(Stored data entries)
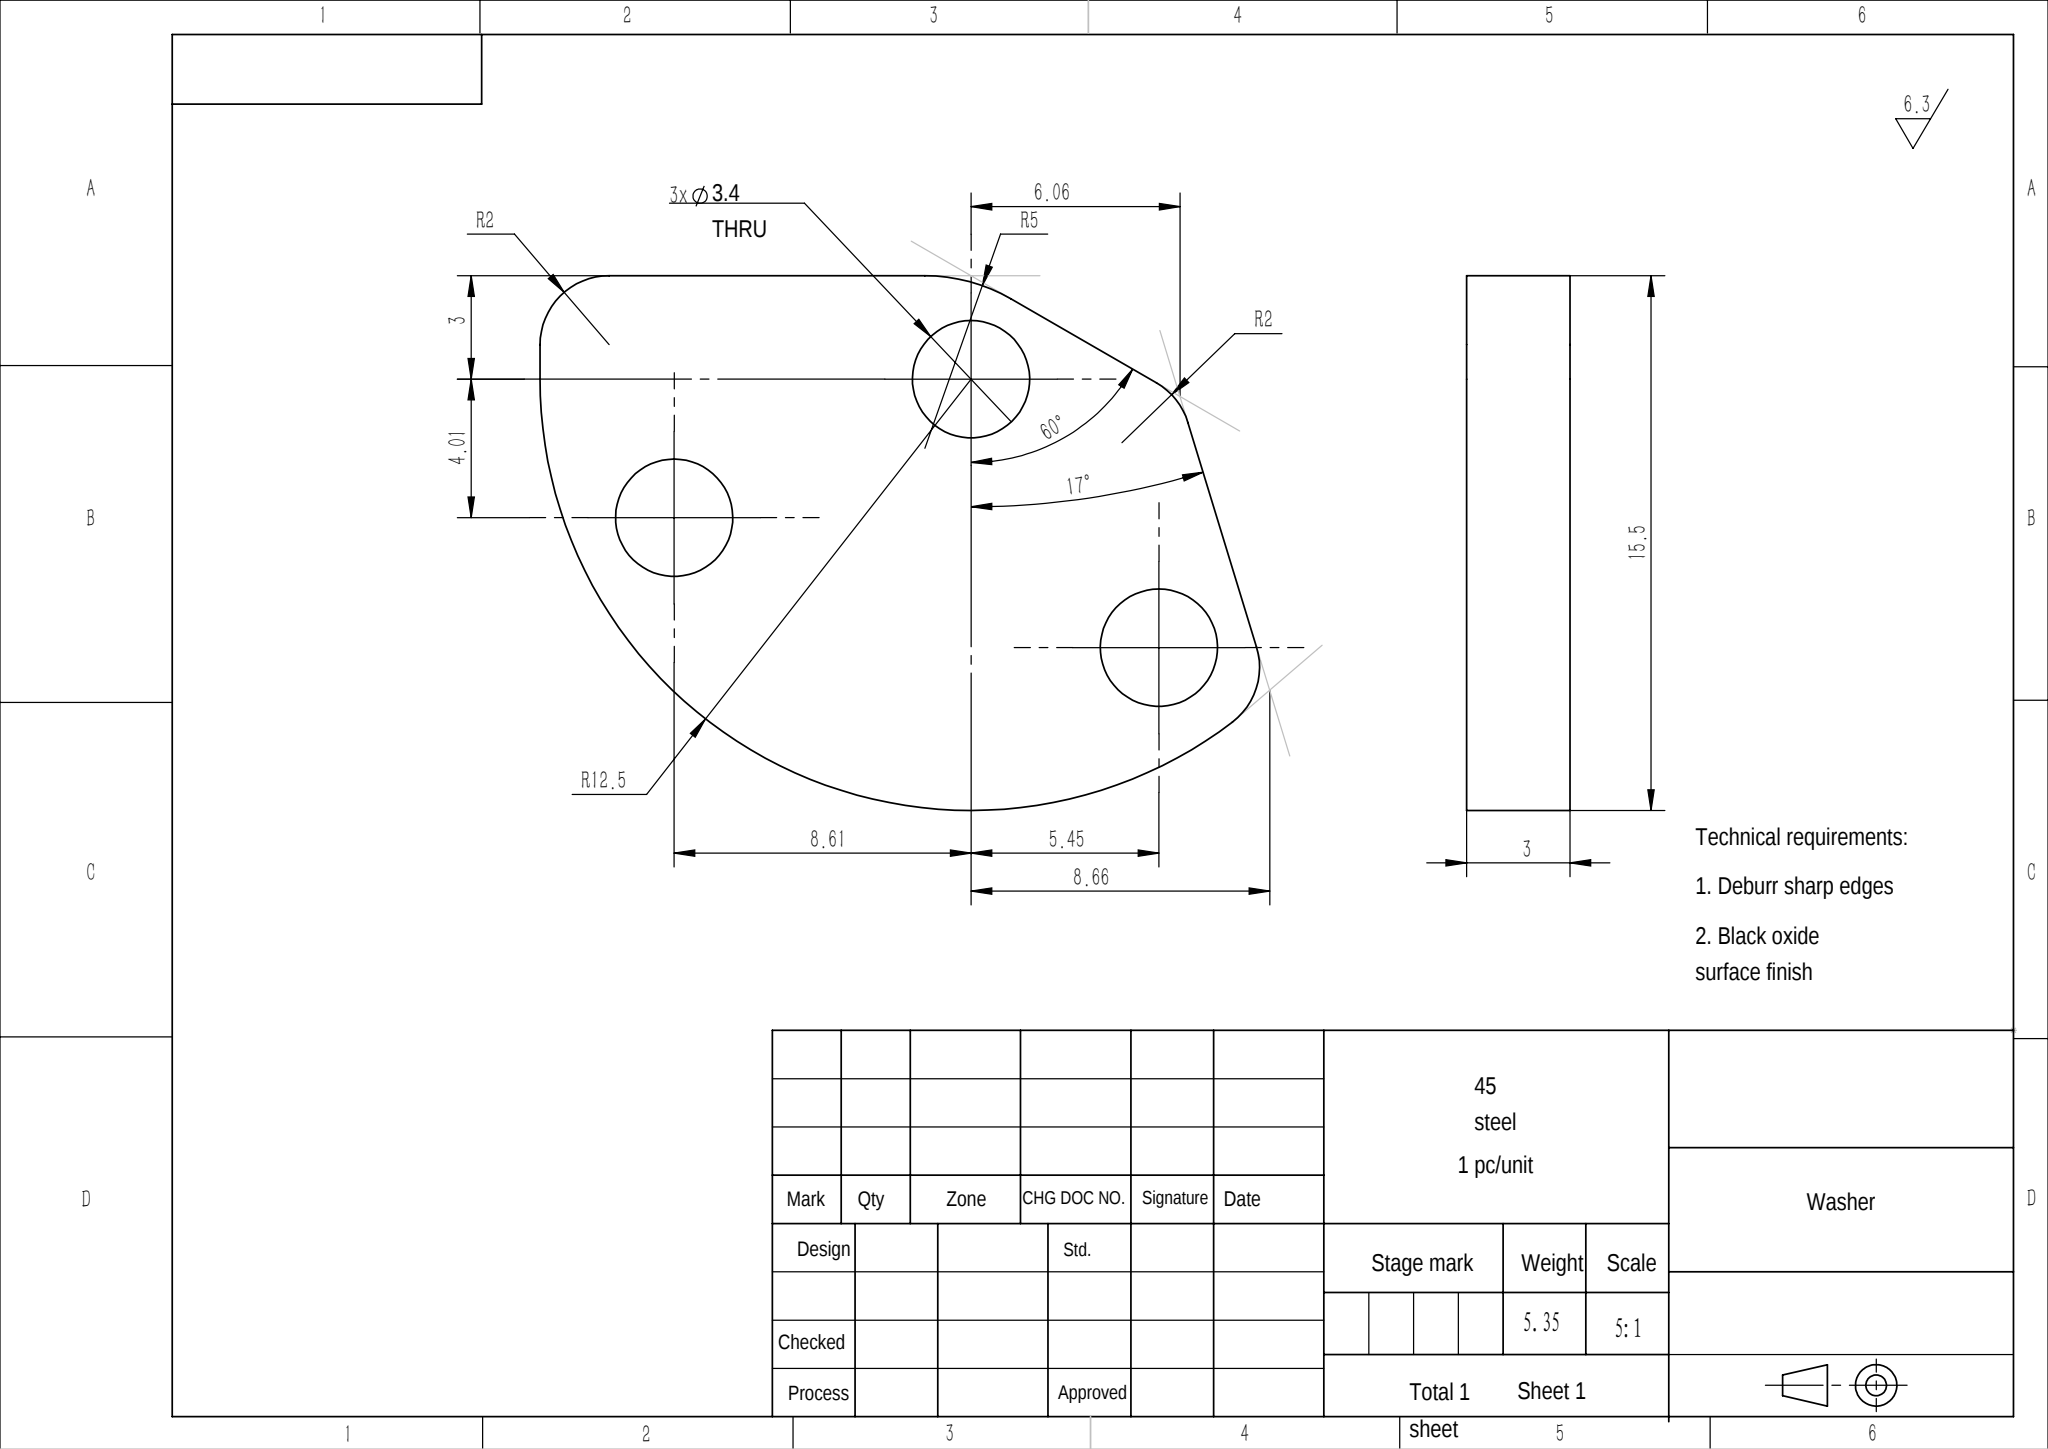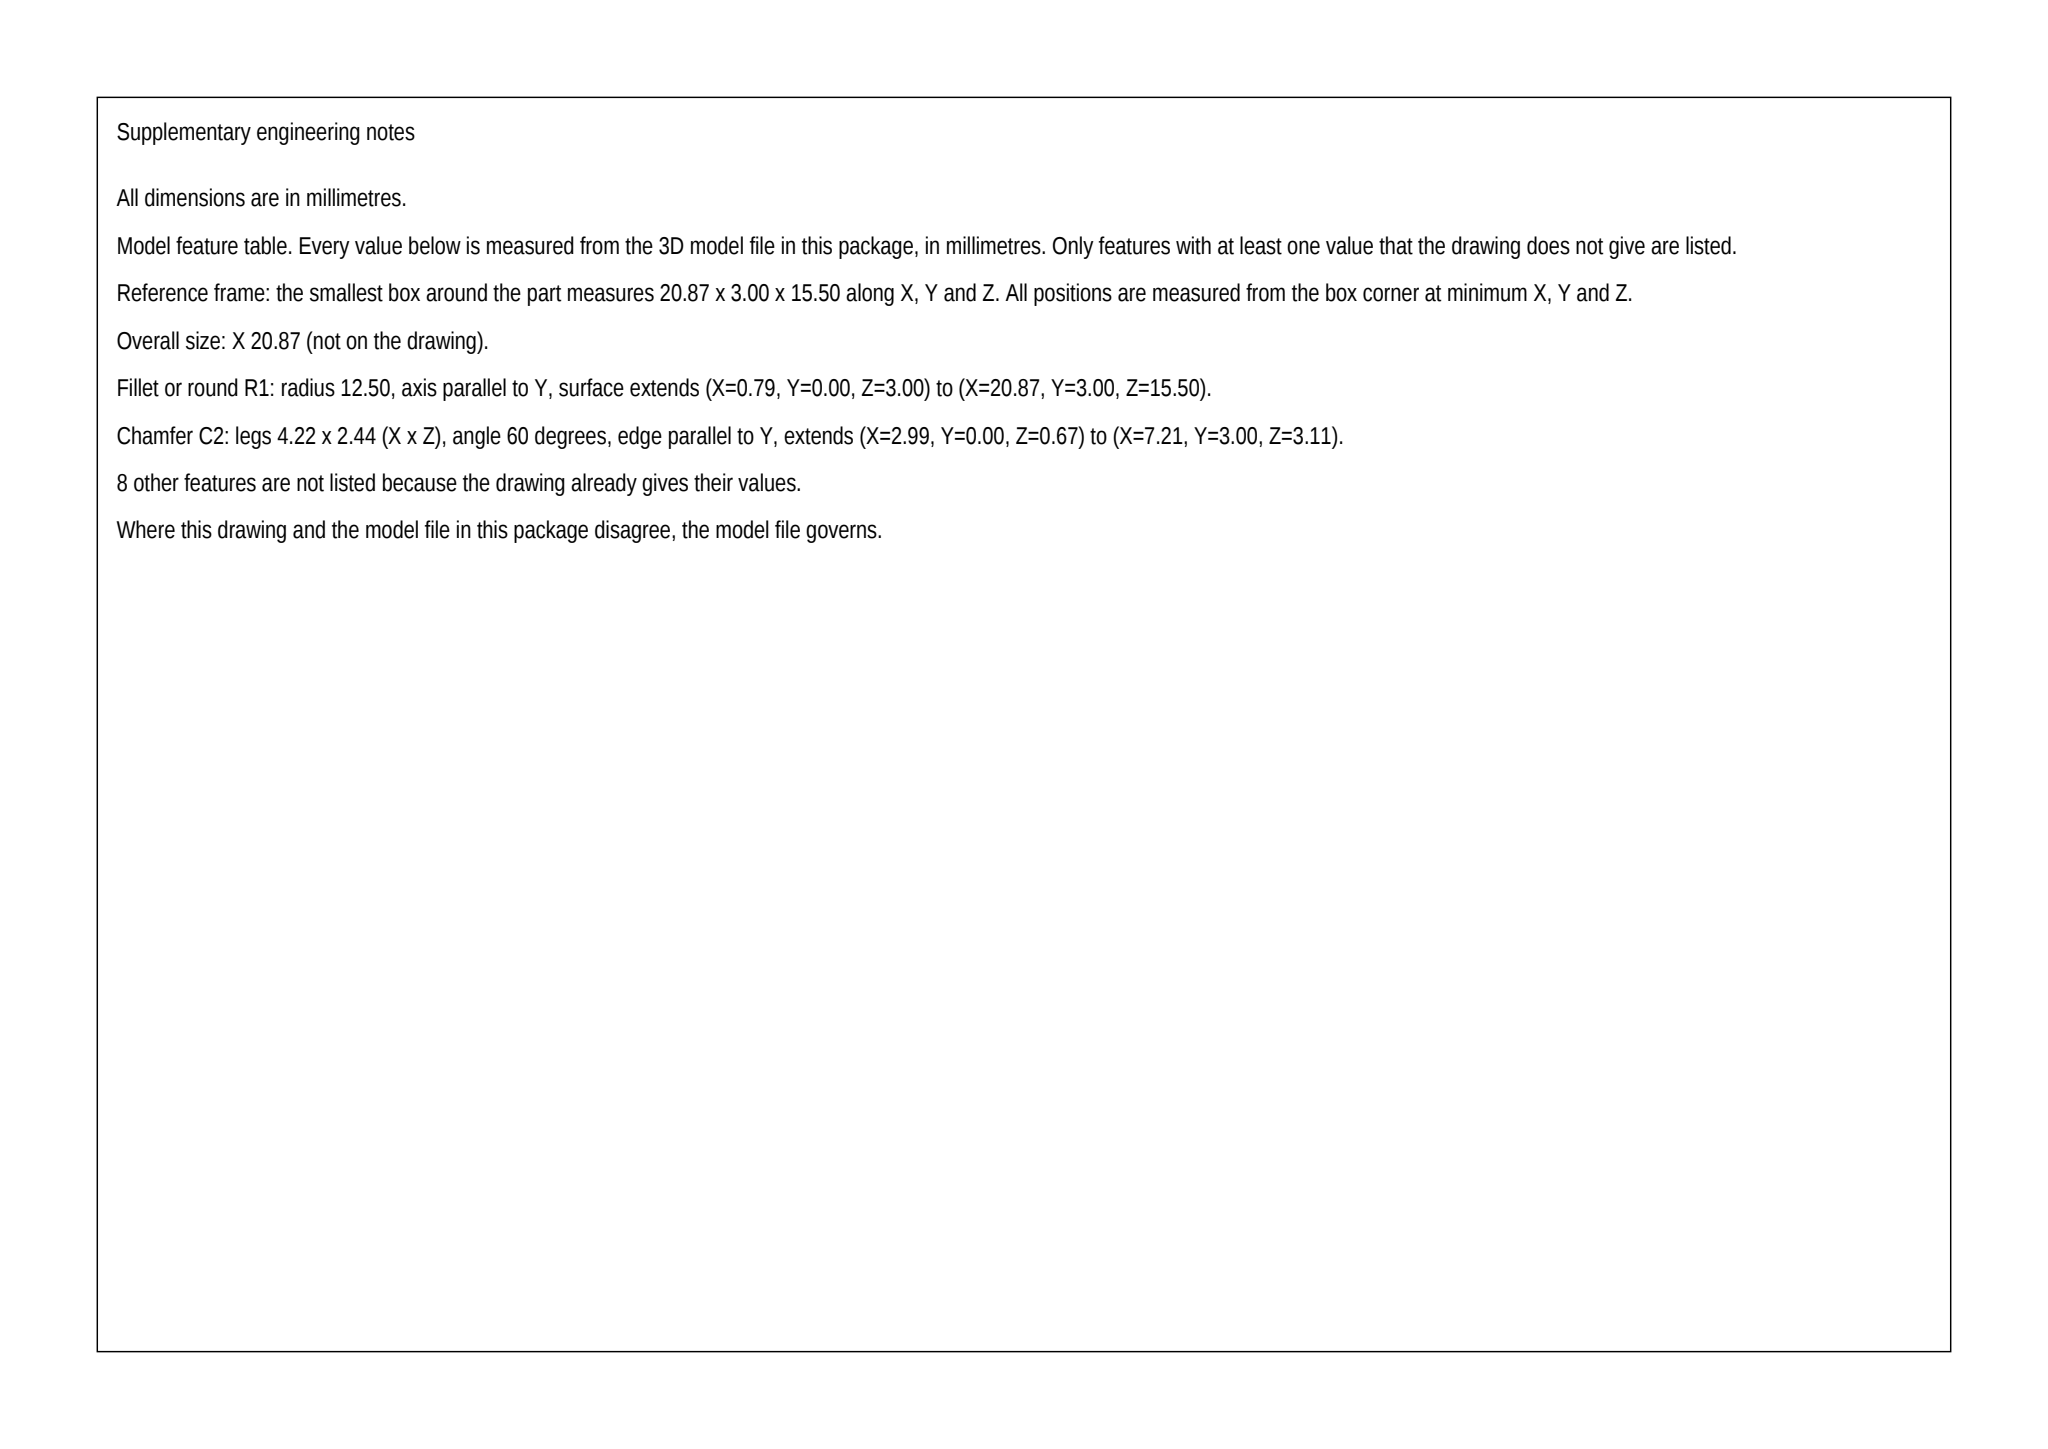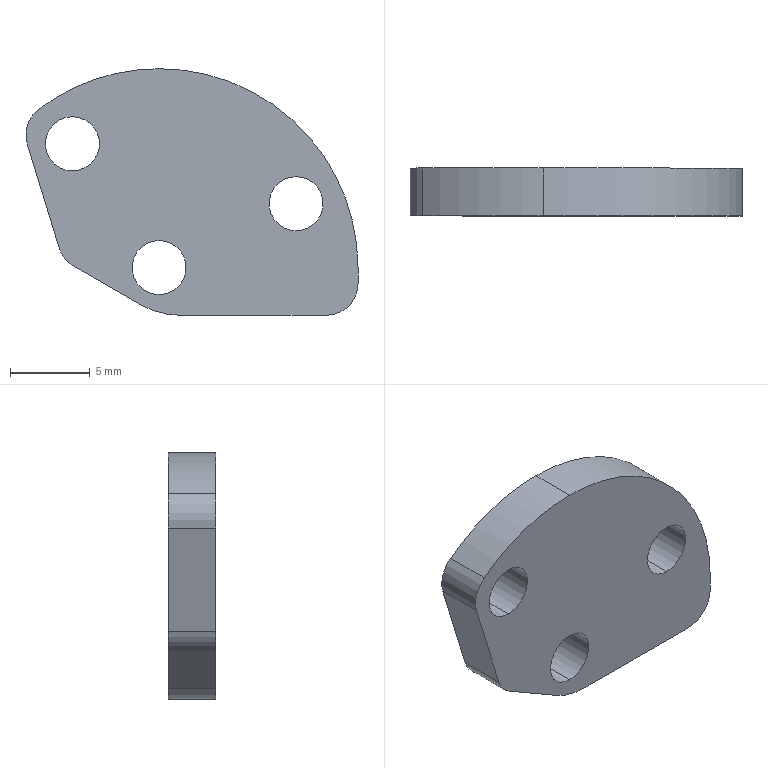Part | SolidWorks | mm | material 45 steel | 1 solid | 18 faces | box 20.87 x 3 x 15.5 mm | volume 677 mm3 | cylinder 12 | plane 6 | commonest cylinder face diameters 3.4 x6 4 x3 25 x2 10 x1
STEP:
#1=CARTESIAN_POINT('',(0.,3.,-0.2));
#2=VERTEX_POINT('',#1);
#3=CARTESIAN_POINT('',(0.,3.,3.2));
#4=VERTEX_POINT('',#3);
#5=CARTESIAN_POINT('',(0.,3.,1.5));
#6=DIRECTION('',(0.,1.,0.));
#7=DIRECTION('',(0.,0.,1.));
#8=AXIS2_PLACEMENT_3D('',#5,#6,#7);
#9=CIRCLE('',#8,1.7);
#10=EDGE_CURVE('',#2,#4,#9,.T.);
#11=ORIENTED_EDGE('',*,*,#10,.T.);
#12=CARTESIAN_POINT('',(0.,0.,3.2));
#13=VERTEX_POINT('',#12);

- _Action item_
Above are records with pictures; repeat the records exactly and leave the pictures out.

- _Solution to the exercise_
Part | SolidWorks | mm | material 45 steel | 1 solid | 18 faces | box 20.87 x 3 x 15.5 mm | volume 677 mm3 | cylinder 12 | plane 6 | commonest cylinder face diameters 3.4 x6 4 x3 25 x2 10 x1
STEP:
#1=CARTESIAN_POINT('',(0.,3.,-0.2));
#2=VERTEX_POINT('',#1);
#3=CARTESIAN_POINT('',(0.,3.,3.2));
#4=VERTEX_POINT('',#3);
#5=CARTESIAN_POINT('',(0.,3.,1.5));
#6=DIRECTION('',(0.,1.,0.));
#7=DIRECTION('',(0.,0.,1.));
#8=AXIS2_PLACEMENT_3D('',#5,#6,#7);
#9=CIRCLE('',#8,1.7);
#10=EDGE_CURVE('',#2,#4,#9,.T.);
#11=ORIENTED_EDGE('',*,*,#10,.T.);
#12=CARTESIAN_POINT('',(0.,0.,3.2));
#13=VERTEX_POINT('',#12);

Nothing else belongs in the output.